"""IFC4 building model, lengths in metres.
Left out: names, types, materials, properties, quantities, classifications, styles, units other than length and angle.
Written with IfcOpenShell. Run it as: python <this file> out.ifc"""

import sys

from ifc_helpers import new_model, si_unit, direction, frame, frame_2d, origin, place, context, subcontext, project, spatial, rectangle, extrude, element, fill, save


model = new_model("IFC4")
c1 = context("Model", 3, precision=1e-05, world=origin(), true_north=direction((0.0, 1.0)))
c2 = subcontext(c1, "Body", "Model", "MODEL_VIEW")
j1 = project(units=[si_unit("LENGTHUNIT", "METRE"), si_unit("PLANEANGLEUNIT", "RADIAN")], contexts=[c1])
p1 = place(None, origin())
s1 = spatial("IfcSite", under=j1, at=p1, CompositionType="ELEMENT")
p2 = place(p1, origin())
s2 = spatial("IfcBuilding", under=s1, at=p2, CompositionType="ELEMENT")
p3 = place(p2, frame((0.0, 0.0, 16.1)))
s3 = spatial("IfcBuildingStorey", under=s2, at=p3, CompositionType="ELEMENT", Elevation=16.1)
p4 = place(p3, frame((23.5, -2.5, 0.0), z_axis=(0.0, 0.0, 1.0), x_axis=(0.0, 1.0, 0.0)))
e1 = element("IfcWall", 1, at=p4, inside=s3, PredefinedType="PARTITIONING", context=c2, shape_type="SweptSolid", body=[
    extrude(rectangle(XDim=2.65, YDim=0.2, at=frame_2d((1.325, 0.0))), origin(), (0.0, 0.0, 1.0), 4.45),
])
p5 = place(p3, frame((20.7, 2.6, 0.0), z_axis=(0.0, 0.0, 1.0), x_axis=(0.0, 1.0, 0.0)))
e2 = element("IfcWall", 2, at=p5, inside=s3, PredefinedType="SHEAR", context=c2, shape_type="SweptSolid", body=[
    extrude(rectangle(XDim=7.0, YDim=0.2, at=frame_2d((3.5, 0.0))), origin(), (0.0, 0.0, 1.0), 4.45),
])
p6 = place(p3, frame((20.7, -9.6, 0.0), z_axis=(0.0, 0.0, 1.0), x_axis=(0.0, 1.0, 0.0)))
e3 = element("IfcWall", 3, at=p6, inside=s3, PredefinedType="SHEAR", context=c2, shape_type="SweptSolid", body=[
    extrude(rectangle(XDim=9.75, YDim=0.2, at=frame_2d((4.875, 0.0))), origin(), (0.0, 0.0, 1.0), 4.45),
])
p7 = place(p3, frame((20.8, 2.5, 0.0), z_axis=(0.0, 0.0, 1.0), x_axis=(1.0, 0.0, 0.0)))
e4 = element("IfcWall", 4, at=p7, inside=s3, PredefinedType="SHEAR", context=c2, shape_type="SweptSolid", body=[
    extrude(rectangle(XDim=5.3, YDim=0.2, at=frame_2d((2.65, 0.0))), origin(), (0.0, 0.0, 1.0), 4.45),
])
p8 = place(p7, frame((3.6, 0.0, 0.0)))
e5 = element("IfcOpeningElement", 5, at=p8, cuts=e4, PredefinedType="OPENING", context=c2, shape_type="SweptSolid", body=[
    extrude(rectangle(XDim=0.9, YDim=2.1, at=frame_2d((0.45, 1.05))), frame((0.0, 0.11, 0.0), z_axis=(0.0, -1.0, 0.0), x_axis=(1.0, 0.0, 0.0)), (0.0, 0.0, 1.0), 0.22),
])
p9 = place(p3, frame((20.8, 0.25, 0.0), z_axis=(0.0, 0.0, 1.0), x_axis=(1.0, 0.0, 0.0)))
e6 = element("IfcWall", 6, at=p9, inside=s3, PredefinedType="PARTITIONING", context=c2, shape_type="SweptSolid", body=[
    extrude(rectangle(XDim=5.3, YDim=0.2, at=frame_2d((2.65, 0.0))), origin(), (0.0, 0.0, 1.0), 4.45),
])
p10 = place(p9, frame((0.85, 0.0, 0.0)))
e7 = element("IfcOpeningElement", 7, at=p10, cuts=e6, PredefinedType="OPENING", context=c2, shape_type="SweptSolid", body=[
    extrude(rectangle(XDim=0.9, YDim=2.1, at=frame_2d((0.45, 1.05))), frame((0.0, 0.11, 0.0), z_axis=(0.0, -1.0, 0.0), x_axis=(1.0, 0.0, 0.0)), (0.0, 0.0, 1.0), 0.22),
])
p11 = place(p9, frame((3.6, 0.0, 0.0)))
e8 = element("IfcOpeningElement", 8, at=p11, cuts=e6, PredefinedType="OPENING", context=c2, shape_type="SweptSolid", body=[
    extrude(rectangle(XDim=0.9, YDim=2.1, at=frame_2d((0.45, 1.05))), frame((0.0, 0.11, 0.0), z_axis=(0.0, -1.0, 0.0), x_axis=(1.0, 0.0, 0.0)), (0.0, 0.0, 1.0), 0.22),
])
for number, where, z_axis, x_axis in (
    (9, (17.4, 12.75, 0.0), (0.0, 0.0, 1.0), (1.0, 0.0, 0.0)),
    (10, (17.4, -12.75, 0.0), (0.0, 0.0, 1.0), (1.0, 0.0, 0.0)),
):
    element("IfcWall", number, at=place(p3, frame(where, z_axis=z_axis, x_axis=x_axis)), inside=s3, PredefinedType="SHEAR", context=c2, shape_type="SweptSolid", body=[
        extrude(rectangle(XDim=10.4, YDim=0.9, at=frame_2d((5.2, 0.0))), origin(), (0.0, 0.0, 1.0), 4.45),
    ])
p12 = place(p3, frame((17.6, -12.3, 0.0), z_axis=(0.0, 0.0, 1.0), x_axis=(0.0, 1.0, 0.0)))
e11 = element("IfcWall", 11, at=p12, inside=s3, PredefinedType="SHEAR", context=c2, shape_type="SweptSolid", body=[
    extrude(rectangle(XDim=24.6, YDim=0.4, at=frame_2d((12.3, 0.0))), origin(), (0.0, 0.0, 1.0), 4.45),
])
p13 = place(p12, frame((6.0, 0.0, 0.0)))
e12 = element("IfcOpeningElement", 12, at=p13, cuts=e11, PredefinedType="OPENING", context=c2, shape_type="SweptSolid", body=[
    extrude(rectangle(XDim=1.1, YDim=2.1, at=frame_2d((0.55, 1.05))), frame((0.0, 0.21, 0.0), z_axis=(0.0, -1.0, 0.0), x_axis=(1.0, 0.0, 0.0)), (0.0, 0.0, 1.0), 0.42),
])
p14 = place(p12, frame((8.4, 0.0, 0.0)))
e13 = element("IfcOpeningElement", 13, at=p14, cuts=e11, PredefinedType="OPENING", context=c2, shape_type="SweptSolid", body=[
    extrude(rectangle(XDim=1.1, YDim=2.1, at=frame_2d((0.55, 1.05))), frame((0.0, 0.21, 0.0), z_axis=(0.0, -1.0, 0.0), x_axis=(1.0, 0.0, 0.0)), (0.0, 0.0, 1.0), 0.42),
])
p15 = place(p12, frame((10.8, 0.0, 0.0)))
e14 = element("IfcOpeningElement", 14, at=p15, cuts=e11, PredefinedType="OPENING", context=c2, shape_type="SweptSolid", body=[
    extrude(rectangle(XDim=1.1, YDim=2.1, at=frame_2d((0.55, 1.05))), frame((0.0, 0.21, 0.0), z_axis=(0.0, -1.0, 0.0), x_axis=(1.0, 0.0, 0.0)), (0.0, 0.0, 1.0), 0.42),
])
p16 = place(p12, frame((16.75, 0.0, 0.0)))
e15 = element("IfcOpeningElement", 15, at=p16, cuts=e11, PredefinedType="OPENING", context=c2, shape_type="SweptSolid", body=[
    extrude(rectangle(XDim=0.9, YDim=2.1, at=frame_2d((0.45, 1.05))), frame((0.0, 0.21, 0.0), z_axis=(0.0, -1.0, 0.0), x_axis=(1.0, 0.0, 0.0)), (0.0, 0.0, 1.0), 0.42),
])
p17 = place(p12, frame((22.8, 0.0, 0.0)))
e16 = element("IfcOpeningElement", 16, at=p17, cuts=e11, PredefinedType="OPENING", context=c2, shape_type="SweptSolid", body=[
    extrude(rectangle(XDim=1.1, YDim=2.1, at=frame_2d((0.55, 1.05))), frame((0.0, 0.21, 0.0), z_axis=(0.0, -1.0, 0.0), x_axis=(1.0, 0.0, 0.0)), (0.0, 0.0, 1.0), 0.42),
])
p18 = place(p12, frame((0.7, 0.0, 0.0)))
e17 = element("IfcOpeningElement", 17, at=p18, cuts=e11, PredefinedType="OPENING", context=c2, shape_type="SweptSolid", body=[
==============================
When a line in the material above contains the word "subcontext", copy that line out.

- [SOLUTION]
from ifc_helpers import new_model, si_unit, direction, frame, frame_2d, origin, place, context, subcontext, project, spatial, rectangle, extrude, element, fill, save
c2 = subcontext(c1, "Body", "Model", "MODEL_VIEW")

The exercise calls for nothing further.